-- INPUT follows --

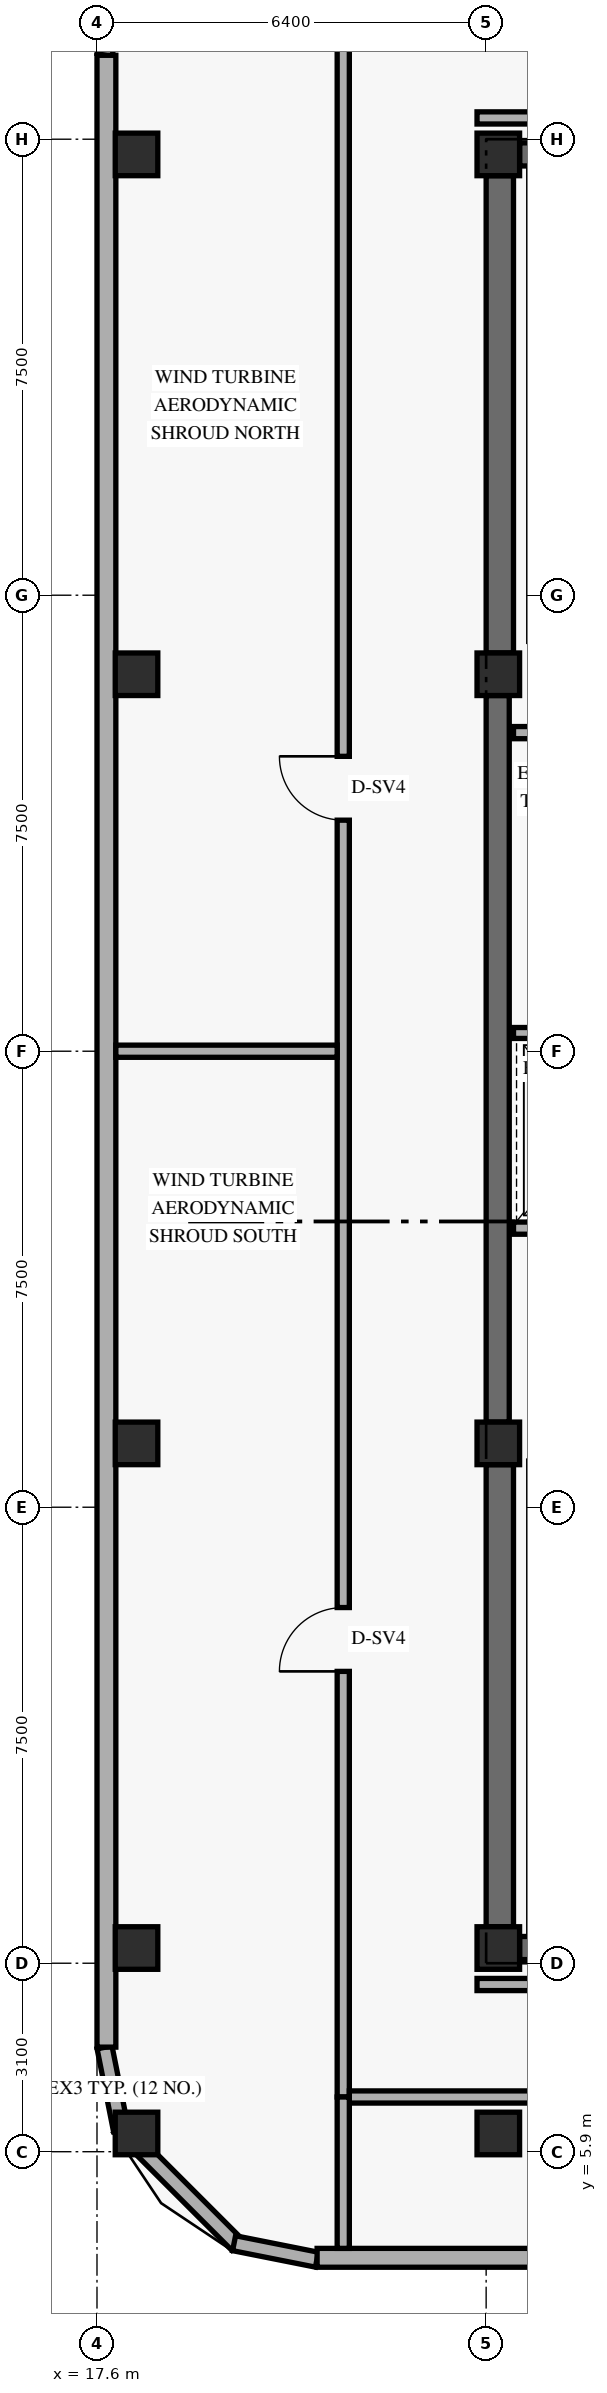
"""IFC4 building model, lengths in metres.
Left out: names, types, materials, properties, quantities, classifications, styles, units other than length and angle.
Written with IfcOpenShell. Run it as: python <this file> out.ifc"""

import sys

from ifc_helpers import new_model, si_unit, direction, frame, frame_2d, origin, origin_2d, place, context, subcontext, project, spatial, rectangle, extrude, element, fill, save


model = new_model("IFC4")
c1 = context("Model", 3, precision=1e-05, world=origin(), true_north=direction((0.0, 1.0)))
c2 = subcontext(c1, "Body", "Model", "MODEL_VIEW")
j1 = project(units=[si_unit("LENGTHUNIT", "METRE"), si_unit("PLANEANGLEUNIT", "RADIAN")], contexts=[c1])
p1 = place(None, origin())
s1 = spatial("IfcSite", under=j1, at=p1, CompositionType="ELEMENT")
p2 = place(p1, origin())
s2 = spatial("IfcBuilding", under=s1, at=p2, CompositionType="ELEMENT")
p3 = place(p2, frame((0.0, 0.0, 199.8)))
s3 = spatial("IfcBuildingStorey", under=s2, at=p3, CompositionType="ELEMENT", Elevation=199.8)
p4 = place(p3, frame((24.225, 9.6, 0.0), z_axis=(0.0, 0.0, 1.0), x_axis=(0.0, 1.0, 0.0)))
e1 = element("IfcWall", 1, at=p4, inside=s3, PredefinedType="SHEAR", context=c2, shape_type="SweptSolid", body=[
    extrude(rectangle(XDim=7.6, YDim=0.45, at=frame_2d((3.8, 0.0))), origin(), (0.0, 0.0, 1.0), 5.148),
])
p5 = place(p3, frame((24.19, 17.9, 0.0), z_axis=(0.0, 0.0, 1.0), x_axis=(0.0, 1.0, 0.0)))
e2 = element("IfcWall", 2, at=p5, inside=s3, PredefinedType="SHEAR", context=c2, shape_type="SweptSolid", body=[
    extrude(rectangle(XDim=11.95, YDim=0.38, at=frame_2d((5.975, 0.0))), origin(), (0.0, 0.0, 1.0), 5.148),
])
p6 = place(p3, frame((24.225, 30.55, 0.0), z_axis=(0.0, 0.0, 1.0), x_axis=(0.0, 1.0, 0.0)))
e3 = element("IfcWall", 3, at=p6, inside=s3, PredefinedType="SHEAR", context=c2, shape_type="SweptSolid", body=[
    extrude(rectangle(XDim=7.85, YDim=0.45, at=frame_2d((3.925, 0.0))), origin(), (0.0, 0.0, 1.0), 5.148),
])
for number, where, z_axis, x_axis in (
    (4, (24.55, 9.25, 0.0), (0.0, 0.0, 1.0), (1.0, 0.0, 0.0)),
    (5, (24.55, 38.75, 0.0), (0.0, 0.0, 1.0), (1.0, 0.0, 0.0)),
):
    element("IfcWall", number, at=place(p3, frame(where, z_axis=z_axis, x_axis=x_axis)), inside=s3, PredefinedType="SHEAR", context=c2, shape_type="SweptSolid", body=[
        extrude(rectangle(XDim=10.3, YDim=0.38, at=frame_2d((5.15, 0.0))), origin(), (0.0, 0.0, 1.0), 5.76),
    ])
for number, where, z_axis, x_axis in (
    (6, (18.25, 6.2, 0.0), (0.0, 0.0, 1.0), (1.0, 0.0, 0.0)),
    (7, (18.25, 9.25, 0.0), (0.0, 0.0, 1.0), (1.0, 0.0, 0.0)),
    (8, (18.25, 17.55, 0.0), (0.0, 0.0, 1.0), (1.0, 0.0, 0.0)),
    (9, (18.25, 30.2, 0.0), (0.0, 0.0, 1.0), (1.0, 0.0, 0.0)),
    (10, (18.25, 38.75, 0.0), (0.0, 0.0, 1.0), (1.0, 0.0, 0.0)),
    (11, (24.2, 6.2, 0.0), (0.0, 0.0, 1.0), (1.0, 0.0, 0.0)),
    (12, (24.2, 9.25, 0.0), (0.0, 0.0, 1.0), (1.0, 0.0, 0.0)),
    (13, (24.2, 17.55, 0.0), (0.0, 0.0, 1.0), (1.0, 0.0, 0.0)),
    (14, (24.2, 30.2, 0.0), (0.0, 0.0, 1.0), (1.0, 0.0, 0.0)),
    (15, (24.2, 38.75, 0.0), (0.0, 0.0, 1.0), (1.0, 0.0, 0.0)),
):
    element("IfcColumn", number, at=place(p3, frame(where, z_axis=z_axis, x_axis=x_axis)), inside=s3, PredefinedType="COLUMN", context=c2, shape_type="SweptSolid", body=[
        extrude(rectangle(XDim=0.7, YDim=0.7, at=origin_2d()), origin(), (0.0, 0.0, 1.0), 6.0),
    ])
p7 = place(p3, frame((17.724, 7.616, 0.0), z_axis=(0.0, 0.0, 1.0), x_axis=(0.195135625965, -0.9807762678, 0.0)))
e16 = element("IfcWall", 16, at=p7, inside=s3, PredefinedType="SOLIDWALL", context=c2, shape_type="SweptSolid", body=[
    extrude(rectangle(XDim=1.389, YDim=0.25, at=frame_2d((0.694, 0.0))), origin(), (0.0, 0.0, 1.0), 5.76),
])
p8 = place(p3, frame((17.968, 6.305, 0.0), z_axis=(0.0, 0.0, 1.0), x_axis=(0.707106781187, -0.707106781187, 0.0)))
e17 = element("IfcWall", 17, at=p8, inside=s3, PredefinedType="SOLIDWALL", context=c2, shape_type="SweptSolid", body=[
    extrude(rectangle(XDim=2.739, YDim=0.25, at=frame_2d((1.37, 0.0))), origin(), (0.0, 0.0, 1.0), 5.76),
])
for number, where, z_axis, x_axis in (
    (18, (19.854, 4.395, 0.0), (0.0, 0.0, 1.0), (0.981, -0.195, 0.0)),
    (19, (17.995, 41.746, 0.0), (0.0, 0.0, 1.0), (-0.195, -0.981, 0.0)),
):
    element("IfcWall", number, at=place(p3, frame(where, z_axis=z_axis, x_axis=x_axis)), inside=s3, PredefinedType="SOLIDWALL", context=c2, shape_type="SweptSolid", body=[
        extrude(rectangle(XDim=1.389, YDim=0.25, at=frame_2d((0.694, 0.0))), origin(), (0.0, 0.0, 1.0), 5.76),
    ])
p9 = place(p3, frame((21.22, 4.155, 0.0), z_axis=(0.0, 0.0, 1.0), x_axis=(1.0, 0.0, 0.0)))
e20 = element("IfcWall", 20, at=p9, inside=s3, PredefinedType="SOLIDWALL", context=c2, shape_type="SweptSolid", body=[
    extrude(rectangle(XDim=33.76, YDim=0.31, at=frame_2d((16.88, 0.0))), origin(), (0.0, 0.0, 1.0), 5.76),
])
p10 = place(p3, frame((17.755, 40.38, 0.0), z_axis=(0.0, 0.0, 1.0), x_axis=(0.0, -1.0, 0.0)))
e21 = element("IfcWall", 21, at=p10, inside=s3, PredefinedType="SOLIDWALL", context=c2, shape_type="SweptSolid", body=[
    extrude(rectangle(XDim=32.76, YDim=0.31, at=frame_2d((16.38, 0.0))), origin(), (0.0, 0.0, 1.0), 5.76),
])
p11 = place(p3, frame((24.45, 21.09, 0.0), z_axis=(0.0, 0.0, 1.0), x_axis=(1.0, 0.0, 0.0)))
e22 = element("IfcWall", 22, at=p11, inside=s3, PredefinedType="STANDARD", context=c2, shape_type="SweptSolid", body=[
    extrude(rectangle(XDim=6.83, YDim=0.2, at=frame_2d((3.415, 0.0))), origin(), (0.0, 0.0, 1.0), 5.76),
])
p12 = place(p11, frame((0.72, 0.0, 0.0)))
e23 = element("IfcOpeningElement", 23, at=p12, cuts=e22, PredefinedType="OPENING", context=c2, shape_type="SweptSolid", body=[
    extrude(rectangle(XDim=1.1, YDim=2.2, at=frame_2d((0.55, 1.1))), frame((0.0, 0.11, 0.0), z_axis=(0.0, -1.0, 0.0), x_axis=(1.0, 0.0, 0.0)), (0.0, 0.0, 1.0), 0.22),
])
p13 = place(p11, frame((3.32, 0.0, 0.0)))
e24 = element("IfcOpeningElement", 24, at=p13, cuts=e22, PredefinedType="OPENING", context=c2, shape_type="SweptSolid", body=[
    extrude(rectangle(XDim=1.1, YDim=2.2, at=frame_2d((0.55, 1.1))), frame((0.0, 0.11, 0.0), z_axis=(0.0, -1.0, 0.0), x_axis=(1.0, 0.0, 0.0)), (0.0, 0.0, 1.0), 0.22),
])
p14 = place(p3, frame((24.45, 24.3, 0.0), z_axis=(0.0, 0.0, 1.0), x_axis=(1.0, 0.0, 0.0)))
e25 = element("IfcWall", 25, at=p14, inside=s3, PredefinedType="STANDARD", context=c2, shape_type="SweptSolid", body=[
    extrude(rectangle(XDim=6.83, YDim=0.18, at=frame_2d((3.415, 0.0))), origin(), (0.0, 0.0, 1.0), 5.76),
])
p15 = place(p3, frame((24.45, 29.24, 0.0), z_axis=(0.0, 0.0, 1.0), x_axis=(1.0, 0.0, 0.0)))
e26 = element("IfcWall", 26, at=p15, inside=s3, PredefinedType="STANDARD", context=c2, shape_type="SweptSolid", body=[
    extrude(rectangle(XDim=3.65, YDim=0.2, at=frame_2d((1.825, 0.0))), origin(), (0.0, 0.0, 1.0), 5.76),
])
p16 = place(p3, frame((21.65, 6.8, 0.0), z_axis=(0.0, 0.0, 1.0), x_axis=(0.0, 1.0, 0.0)))
e27 = element("IfcWall", 27, at=p16, inside=s3, PredefinedType="STANDARD", context=c2, shape_type="SweptSolid", body=[
    extrude(rectangle(XDim=34.4, YDim=0.2, at=frame_2d((17.2, 0.0))), origin(), (0.0, 0.0, 1.0), 5.13),
])
p17 = place(p16, frame((7.0, 0.0, 0.0)))
e28 = element("IfcOpeningElement", 28, at=p17, cuts=e27, PredefinedType="OPENING", context=c2, shape_type="SweptSolid", body=[
    extrude(rectangle(XDim=1.05, YDim=2.15, at=frame_2d((0.525, 1.075))), frame((0.0, 0.11, 0.0), z_axis=(0.0, -1.0, 0.0), x_axis=(1.0, 0.0, 0.0)), (0.0, 0.0, 1.0), 0.22),
])
p18 = place(p16, frame((21.0, 0.0, 0.0)))
e29 = element("IfcOpeningElement", 29, at=p18, cuts=e27, PredefinedType="OPENING", context=c2, shape_type="SweptSolid", body=[
    extrude(rectangle(XDim=1.05, YDim=2.15, at=frame_2d((0.525, 1.075))), frame((0.0, 0.11, 0.0), z_axis=(0.0, -1.0, 0.0), x_axis=(1.0, 0.0, 0.0)), (0.0, 0.0, 1.0), 0.22),
])
p19 = place(p3, frame((21.75, 6.8, 0.0), z_axis=(0.0, 0.0, 1.0), x_axis=(1.0, 0.0, 0.0)))
e30 = element("IfcWall", 30, at=p19, inside=s3, PredefinedType="STANDARD", context=c2, shape_type="SweptSolid", body=[
    extrude(rectangle(XDim=15.6, YDim=0.2, at=frame_2d((7.8, 0.0))), origin(), (0.0, 0.0, 1.0), 5.13),
])
p20 = place(p19, frame((5.1, 0.0, 0.0)))
e31 = element("IfcOpeningElement", 31, at=p20, cuts=e30, PredefinedType="OPENING", context=c2, shape_type="SweptSolid", body=[
    extrude(rectangle(XDim=0.9, YDim=2.1, at=frame_2d((0.45, 1.05))), frame((0.0, 0.11, 0.0), z_axis=(0.0, -1.0, 0.0), x_axis=(1.0, 0.0, 0.0)), (0.0, 0.0, 1.0), 0.22),
])
for number, where, z_axis, x_axis in (
    (32, (23.85, 39.35, 0.0), (0.0, 0.0, 1.0), (1.0, 0.0, 0.0)),
    (33, (23.85, 8.65, 0.0), (0.0, 0.0, 1.0), (1.0, 0.0, 0.0)),
):
    element("IfcWall", number, at=place(p3, frame(where, z_axis=z_axis, x_axis=x_axis)), inside=s3, PredefinedType="STANDARD", context=c2, shape_type="SweptSolid", body=[
        extrude(rectangle(XDim=11.47, YDim=0.2, at=frame_2d((5.735, 0.0))), origin(), (0.0, 0.0, 1.0), 5.13),
    ])
p21 = place(p3, frame((21.65, 4.31, 0.0), z_axis=(0.0, 0.0, 1.0), x_axis=(0.0, 1.0, 0.0)))
e34 = element("IfcWall", 34, at=p21, inside=s3, PredefinedType="STANDARD", context=c2, shape_type="SweptSolid", body=[
    extrude(rectangle(XDim=2.49, YDim=0.2, at=frame_2d((1.245, 0.0))), origin(), (0.0, 0.0, 1.0), 5.279),
])
p22 = place(p3, frame((17.91, 24.0, 0.0), z_axis=(0.0, 0.0, 1.0), x_axis=(1.0, 0.0, 0.0)))
e35 = element("IfcWall", 35, at=p22, inside=s3, PredefinedType="STANDARD", context=c2, shape_type="SweptSolid", body=[
    extrude(rectangle(XDim=3.64, YDim=0.2, at=frame_2d((1.82, 0.0))), origin(), (0.0, 0.0, 1.0), 5.279),
])
p23 = place(p17, origin())
e36 = element("IfcDoor", 36, at=p23, inside=s3, OperationType="SINGLE_SWING_LEFT", PredefinedType="DOOR", context=c2, shape_type="SweptSolid", body=[
    extrude(rectangle(XDim=1.05, YDim=2.15, at=frame_2d((0.525, 1.075))), frame((0.0, 0.025, 0.0), z_axis=(0.0, -1.0, 0.0), x_axis=(1.0, 0.0, 0.0)), (0.0, 0.0, 1.0), 0.05),
])
fill(e28, e36)
p24 = place(p18, origin())
e37 = element("IfcDoor", 37, at=p24, inside=s3, OperationType="SINGLE_SWING_RIGHT", PredefinedType="DOOR", context=c2, shape_type="SweptSolid", body=[
    extrude(rectangle(XDim=1.05, YDim=2.15, at=frame_2d((0.525, 1.075))), frame((0.0, 0.025, 0.0), z_axis=(0.0, -1.0, 0.0), x_axis=(1.0, 0.0, 0.0)), (0.0, 0.0, 1.0), 0.05),
])
fill(e29, e37)
save(model, sys.argv[1])

-- INPUT concluded --

**WHAT IS REQUIRED:**
Give exactly those lines of the listing that run from its first line through the line with "from ifc_helpers import", leaving each picture out.

**FINAL ANSWER:**
"""IFC4 building model, lengths in metres.
Left out: names, types, materials, properties, quantities, classifications, styles, units other than length and angle.
Written with IfcOpenShell. Run it as: python <this file> out.ifc"""

import sys

from ifc_helpers import new_model, si_unit, direction, frame, frame_2d, origin, origin_2d, place, context, subcontext, project, spatial, rectangle, extrude, element, fill, save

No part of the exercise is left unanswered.